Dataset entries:
★ ★ ★ ★ ★ ★ ★

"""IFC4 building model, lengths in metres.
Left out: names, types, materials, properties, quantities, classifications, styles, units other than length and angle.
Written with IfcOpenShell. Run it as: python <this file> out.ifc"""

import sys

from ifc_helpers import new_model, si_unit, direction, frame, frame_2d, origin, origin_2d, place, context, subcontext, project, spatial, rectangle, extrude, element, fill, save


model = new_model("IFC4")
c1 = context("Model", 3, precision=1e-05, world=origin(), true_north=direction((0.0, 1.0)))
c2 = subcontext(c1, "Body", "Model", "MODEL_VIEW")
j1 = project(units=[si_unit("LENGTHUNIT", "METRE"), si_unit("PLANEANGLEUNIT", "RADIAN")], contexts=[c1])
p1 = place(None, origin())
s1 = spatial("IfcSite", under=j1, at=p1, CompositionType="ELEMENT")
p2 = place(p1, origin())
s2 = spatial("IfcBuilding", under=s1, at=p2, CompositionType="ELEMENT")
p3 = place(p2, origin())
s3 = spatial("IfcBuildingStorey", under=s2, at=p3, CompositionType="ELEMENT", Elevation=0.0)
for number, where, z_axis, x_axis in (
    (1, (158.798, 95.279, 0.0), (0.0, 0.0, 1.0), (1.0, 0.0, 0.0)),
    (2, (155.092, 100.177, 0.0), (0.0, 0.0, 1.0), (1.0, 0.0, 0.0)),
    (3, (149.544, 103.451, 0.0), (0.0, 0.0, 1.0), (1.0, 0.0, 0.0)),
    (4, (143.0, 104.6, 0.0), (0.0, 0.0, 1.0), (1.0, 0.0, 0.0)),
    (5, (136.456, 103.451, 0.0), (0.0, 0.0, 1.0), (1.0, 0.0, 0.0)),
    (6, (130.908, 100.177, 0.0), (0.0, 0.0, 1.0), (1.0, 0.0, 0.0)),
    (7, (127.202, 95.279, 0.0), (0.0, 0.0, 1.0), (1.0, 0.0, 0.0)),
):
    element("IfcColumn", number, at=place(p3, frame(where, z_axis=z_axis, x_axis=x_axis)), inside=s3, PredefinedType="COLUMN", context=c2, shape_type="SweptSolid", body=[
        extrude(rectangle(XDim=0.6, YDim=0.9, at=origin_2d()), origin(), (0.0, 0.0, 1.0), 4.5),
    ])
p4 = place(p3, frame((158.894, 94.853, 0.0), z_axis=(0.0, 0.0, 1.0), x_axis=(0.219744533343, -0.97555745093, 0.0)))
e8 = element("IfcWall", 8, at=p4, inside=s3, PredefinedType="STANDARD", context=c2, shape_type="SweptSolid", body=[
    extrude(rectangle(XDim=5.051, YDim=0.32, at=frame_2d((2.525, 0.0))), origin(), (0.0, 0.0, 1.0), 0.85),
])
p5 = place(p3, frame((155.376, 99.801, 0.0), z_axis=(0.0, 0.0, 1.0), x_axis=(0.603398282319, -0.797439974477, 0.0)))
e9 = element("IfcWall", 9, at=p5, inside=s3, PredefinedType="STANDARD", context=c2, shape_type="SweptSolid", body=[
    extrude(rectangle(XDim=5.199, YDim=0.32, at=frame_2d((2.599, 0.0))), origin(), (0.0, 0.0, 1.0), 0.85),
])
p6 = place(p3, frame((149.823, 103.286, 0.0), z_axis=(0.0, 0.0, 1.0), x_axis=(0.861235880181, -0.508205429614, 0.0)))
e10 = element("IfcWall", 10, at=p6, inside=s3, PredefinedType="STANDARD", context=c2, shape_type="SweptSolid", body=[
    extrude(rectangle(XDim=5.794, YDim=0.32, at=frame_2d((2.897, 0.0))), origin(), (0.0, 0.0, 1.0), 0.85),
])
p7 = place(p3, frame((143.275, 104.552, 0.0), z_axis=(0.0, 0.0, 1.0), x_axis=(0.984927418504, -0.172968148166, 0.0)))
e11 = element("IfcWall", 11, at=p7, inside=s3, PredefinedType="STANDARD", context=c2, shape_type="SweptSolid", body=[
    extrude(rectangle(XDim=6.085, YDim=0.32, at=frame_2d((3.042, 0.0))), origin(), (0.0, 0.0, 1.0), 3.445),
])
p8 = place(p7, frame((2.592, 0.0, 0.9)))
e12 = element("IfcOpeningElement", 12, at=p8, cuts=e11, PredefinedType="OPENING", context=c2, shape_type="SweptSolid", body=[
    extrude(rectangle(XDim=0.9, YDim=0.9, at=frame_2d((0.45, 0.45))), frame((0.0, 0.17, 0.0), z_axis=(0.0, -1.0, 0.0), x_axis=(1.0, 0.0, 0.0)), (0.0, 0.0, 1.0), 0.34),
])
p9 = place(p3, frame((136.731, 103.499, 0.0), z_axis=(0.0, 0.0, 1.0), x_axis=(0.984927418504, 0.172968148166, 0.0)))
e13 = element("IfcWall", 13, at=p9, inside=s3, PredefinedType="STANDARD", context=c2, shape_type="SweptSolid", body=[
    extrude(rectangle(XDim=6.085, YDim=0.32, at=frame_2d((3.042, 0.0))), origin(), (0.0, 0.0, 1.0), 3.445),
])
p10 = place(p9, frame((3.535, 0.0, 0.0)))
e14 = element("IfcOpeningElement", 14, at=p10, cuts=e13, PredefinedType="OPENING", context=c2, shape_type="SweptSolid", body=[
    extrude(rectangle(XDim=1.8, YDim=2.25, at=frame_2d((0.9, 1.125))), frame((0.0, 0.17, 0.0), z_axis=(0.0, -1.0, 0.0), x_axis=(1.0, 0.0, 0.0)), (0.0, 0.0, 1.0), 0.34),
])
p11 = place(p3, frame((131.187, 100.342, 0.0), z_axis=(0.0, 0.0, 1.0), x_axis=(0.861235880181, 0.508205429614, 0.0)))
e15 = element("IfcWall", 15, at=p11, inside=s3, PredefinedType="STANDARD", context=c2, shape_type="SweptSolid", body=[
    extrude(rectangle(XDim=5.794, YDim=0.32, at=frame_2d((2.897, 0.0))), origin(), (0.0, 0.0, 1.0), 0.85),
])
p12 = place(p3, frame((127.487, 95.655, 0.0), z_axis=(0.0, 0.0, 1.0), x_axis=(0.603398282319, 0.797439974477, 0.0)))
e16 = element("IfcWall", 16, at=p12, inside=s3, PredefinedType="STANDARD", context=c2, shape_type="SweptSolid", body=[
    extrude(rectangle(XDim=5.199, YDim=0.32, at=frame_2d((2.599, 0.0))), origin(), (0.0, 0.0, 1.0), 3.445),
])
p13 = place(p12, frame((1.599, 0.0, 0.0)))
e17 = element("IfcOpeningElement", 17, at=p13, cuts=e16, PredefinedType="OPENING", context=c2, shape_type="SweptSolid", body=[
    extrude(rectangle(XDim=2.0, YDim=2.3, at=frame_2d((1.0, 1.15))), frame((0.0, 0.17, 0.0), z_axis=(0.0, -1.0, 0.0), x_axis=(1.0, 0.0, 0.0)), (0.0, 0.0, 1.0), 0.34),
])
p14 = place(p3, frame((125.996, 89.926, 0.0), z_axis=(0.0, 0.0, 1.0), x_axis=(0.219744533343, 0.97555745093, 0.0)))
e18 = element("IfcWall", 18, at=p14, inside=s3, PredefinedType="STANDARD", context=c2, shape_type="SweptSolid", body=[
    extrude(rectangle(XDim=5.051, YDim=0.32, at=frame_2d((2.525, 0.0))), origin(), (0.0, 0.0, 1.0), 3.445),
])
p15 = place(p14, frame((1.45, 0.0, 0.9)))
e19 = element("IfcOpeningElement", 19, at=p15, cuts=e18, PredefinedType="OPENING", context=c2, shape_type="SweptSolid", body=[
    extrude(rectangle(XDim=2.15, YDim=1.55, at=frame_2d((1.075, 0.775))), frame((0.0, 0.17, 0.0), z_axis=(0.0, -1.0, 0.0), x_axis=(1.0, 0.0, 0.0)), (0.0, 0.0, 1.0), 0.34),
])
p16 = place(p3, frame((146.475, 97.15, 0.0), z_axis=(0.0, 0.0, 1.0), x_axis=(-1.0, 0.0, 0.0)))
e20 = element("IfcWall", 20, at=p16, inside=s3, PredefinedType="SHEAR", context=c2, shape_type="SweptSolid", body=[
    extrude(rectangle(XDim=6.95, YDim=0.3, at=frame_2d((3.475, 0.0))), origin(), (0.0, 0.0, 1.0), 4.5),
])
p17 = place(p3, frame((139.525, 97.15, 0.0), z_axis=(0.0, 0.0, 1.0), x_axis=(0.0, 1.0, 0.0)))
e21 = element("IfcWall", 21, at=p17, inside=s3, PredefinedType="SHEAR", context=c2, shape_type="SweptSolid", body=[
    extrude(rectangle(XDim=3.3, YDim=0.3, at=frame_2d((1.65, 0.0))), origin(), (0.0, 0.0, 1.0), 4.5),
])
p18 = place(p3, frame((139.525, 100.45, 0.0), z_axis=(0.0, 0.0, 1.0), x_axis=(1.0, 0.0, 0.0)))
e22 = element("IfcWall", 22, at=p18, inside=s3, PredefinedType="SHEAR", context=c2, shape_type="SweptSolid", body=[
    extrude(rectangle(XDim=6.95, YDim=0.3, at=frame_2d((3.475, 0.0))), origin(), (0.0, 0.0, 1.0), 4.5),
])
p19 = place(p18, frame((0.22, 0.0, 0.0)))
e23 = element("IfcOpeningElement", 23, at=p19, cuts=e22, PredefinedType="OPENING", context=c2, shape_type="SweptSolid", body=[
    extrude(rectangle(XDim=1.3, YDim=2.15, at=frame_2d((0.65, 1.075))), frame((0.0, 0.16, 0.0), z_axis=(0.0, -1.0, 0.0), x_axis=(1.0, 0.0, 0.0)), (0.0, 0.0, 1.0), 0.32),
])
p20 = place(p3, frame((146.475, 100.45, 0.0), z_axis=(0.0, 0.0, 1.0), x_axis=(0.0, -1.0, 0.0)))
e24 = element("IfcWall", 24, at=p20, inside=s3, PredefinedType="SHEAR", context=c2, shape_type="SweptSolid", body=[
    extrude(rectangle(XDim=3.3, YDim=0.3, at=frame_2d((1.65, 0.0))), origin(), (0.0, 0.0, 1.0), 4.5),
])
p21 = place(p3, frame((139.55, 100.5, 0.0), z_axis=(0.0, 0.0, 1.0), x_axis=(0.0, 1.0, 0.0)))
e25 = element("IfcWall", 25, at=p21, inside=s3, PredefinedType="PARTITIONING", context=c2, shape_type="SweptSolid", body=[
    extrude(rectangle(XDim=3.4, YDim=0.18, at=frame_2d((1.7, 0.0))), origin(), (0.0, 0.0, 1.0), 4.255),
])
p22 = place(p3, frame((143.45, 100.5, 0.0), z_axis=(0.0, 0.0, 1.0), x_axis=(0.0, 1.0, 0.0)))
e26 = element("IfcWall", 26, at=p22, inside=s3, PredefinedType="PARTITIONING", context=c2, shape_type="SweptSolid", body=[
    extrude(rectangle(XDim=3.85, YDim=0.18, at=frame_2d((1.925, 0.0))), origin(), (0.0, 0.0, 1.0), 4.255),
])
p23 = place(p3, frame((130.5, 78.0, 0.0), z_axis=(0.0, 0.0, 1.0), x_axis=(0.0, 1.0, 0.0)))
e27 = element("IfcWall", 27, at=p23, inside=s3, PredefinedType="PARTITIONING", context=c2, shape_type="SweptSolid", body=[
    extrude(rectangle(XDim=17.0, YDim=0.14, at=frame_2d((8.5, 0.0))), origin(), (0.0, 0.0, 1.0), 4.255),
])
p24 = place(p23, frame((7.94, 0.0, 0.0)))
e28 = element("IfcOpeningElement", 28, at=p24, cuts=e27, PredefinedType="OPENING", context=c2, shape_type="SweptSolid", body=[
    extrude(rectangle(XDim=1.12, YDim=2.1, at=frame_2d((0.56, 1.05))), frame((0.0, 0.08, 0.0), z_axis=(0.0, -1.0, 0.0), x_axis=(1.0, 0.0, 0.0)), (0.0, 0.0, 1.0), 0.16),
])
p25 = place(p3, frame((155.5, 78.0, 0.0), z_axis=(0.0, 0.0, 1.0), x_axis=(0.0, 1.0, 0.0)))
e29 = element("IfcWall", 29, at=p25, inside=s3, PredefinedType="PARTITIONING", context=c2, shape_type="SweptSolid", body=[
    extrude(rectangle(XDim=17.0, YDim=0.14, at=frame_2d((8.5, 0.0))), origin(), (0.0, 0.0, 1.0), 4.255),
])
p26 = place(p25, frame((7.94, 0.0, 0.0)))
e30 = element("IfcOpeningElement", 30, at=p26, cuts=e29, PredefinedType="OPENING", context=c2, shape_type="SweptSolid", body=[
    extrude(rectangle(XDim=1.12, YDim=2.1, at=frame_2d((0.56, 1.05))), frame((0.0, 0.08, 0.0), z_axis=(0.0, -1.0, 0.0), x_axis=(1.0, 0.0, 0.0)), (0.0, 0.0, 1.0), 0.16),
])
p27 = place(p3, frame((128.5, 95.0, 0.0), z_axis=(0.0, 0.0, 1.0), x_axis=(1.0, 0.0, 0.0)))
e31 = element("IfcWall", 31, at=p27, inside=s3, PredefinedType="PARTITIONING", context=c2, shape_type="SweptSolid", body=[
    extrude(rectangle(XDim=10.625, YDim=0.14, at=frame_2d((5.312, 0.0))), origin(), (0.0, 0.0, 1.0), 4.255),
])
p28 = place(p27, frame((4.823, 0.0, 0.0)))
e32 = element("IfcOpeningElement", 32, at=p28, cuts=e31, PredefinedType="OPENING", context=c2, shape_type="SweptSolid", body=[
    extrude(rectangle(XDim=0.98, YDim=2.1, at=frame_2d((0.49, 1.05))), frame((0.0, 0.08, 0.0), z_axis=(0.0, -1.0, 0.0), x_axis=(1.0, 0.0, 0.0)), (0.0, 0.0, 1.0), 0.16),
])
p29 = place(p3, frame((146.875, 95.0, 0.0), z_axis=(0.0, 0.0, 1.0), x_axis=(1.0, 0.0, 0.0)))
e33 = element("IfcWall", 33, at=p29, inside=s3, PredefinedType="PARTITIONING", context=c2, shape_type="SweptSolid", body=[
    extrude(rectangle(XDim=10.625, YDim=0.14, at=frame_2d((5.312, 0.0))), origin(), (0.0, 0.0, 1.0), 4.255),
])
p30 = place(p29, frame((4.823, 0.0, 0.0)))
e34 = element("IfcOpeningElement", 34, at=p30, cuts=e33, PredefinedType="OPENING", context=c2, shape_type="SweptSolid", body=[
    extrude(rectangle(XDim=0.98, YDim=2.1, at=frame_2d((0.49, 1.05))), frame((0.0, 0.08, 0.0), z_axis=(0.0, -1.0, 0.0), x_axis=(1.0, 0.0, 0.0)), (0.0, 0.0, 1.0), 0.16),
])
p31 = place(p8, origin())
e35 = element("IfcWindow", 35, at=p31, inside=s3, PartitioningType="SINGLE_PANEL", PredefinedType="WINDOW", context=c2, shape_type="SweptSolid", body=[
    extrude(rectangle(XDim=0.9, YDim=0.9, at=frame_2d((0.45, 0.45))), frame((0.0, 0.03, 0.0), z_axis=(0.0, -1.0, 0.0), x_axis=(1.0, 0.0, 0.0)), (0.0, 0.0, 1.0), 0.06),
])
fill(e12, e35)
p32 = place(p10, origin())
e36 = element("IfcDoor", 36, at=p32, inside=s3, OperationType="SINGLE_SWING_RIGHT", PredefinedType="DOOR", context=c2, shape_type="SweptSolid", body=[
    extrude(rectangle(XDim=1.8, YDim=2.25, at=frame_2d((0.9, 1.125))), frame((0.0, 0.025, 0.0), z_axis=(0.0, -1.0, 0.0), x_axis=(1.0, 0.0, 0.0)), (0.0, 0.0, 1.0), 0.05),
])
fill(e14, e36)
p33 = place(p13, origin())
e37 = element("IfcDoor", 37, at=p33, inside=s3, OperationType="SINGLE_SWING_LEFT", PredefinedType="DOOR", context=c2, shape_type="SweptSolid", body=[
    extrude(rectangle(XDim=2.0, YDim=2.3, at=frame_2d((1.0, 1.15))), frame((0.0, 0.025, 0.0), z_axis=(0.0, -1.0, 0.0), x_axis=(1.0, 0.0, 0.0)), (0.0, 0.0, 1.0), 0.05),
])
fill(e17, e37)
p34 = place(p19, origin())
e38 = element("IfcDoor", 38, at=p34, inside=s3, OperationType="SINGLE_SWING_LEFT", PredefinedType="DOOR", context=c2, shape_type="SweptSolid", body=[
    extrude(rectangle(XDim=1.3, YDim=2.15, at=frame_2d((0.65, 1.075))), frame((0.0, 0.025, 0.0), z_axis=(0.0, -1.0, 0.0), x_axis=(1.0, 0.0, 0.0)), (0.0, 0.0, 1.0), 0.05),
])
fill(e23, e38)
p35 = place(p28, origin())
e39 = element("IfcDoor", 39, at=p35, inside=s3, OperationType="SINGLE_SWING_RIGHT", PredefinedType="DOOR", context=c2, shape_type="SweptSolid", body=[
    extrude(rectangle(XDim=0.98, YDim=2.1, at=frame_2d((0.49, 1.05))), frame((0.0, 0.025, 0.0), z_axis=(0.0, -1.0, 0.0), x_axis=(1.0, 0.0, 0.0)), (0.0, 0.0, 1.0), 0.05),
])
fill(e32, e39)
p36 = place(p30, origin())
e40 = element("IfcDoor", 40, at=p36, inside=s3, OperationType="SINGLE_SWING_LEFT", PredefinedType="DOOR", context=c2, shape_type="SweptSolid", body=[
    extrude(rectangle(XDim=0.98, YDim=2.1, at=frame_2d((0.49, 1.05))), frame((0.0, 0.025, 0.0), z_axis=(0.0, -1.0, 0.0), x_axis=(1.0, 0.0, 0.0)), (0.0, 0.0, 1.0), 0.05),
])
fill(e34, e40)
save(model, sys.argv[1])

★ ★ ★ ★ ★ ★ ★

Task statement: Please copy, word for word, every line from the first line of the records through the line containing "x_axis=(0.219744533343, -0.97555745093, 0.0)))", with both of those lines included and nothing else.

Answer for this exercise:
"""IFC4 building model, lengths in metres.
Left out: names, types, materials, properties, quantities, classifications, styles, units other than length and angle.
Written with IfcOpenShell. Run it as: python <this file> out.ifc"""

import sys

from ifc_helpers import new_model, si_unit, direction, frame, frame_2d, origin, origin_2d, place, context, subcontext, project, spatial, rectangle, extrude, element, fill, save


model = new_model("IFC4")
c1 = context("Model", 3, precision=1e-05, world=origin(), true_north=direction((0.0, 1.0)))
c2 = subcontext(c1, "Body", "Model", "MODEL_VIEW")
j1 = project(units=[si_unit("LENGTHUNIT", "METRE"), si_unit("PLANEANGLEUNIT", "RADIAN")], contexts=[c1])
p1 = place(None, origin())
s1 = spatial("IfcSite", under=j1, at=p1, CompositionType="ELEMENT")
p2 = place(p1, origin())
s2 = spatial("IfcBuilding", under=s1, at=p2, CompositionType="ELEMENT")
p3 = place(p2, origin())
s3 = spatial("IfcBuildingStorey", under=s2, at=p3, CompositionType="ELEMENT", Elevation=0.0)
for number, where, z_axis, x_axis in (
    (1, (158.798, 95.279, 0.0), (0.0, 0.0, 1.0), (1.0, 0.0, 0.0)),
    (2, (155.092, 100.177, 0.0), (0.0, 0.0, 1.0), (1.0, 0.0, 0.0)),
    (3, (149.544, 103.451, 0.0), (0.0, 0.0, 1.0), (1.0, 0.0, 0.0)),
    (4, (143.0, 104.6, 0.0), (0.0, 0.0, 1.0), (1.0, 0.0, 0.0)),
    (5, (136.456, 103.451, 0.0), (0.0, 0.0, 1.0), (1.0, 0.0, 0.0)),
    (6, (130.908, 100.177, 0.0), (0.0, 0.0, 1.0), (1.0, 0.0, 0.0)),
    (7, (127.202, 95.279, 0.0), (0.0, 0.0, 1.0), (1.0, 0.0, 0.0)),
):
    element("IfcColumn", number, at=place(p3, frame(where, z_axis=z_axis, x_axis=x_axis)), inside=s3, PredefinedType="COLUMN", context=c2, shape_type="SweptSolid", body=[
        extrude(rectangle(XDim=0.6, YDim=0.9, at=origin_2d()), origin(), (0.0, 0.0, 1.0), 4.5),
    ])
p4 = place(p3, frame((158.894, 94.853, 0.0), z_axis=(0.0, 0.0, 1.0), x_axis=(0.219744533343, -0.97555745093, 0.0)))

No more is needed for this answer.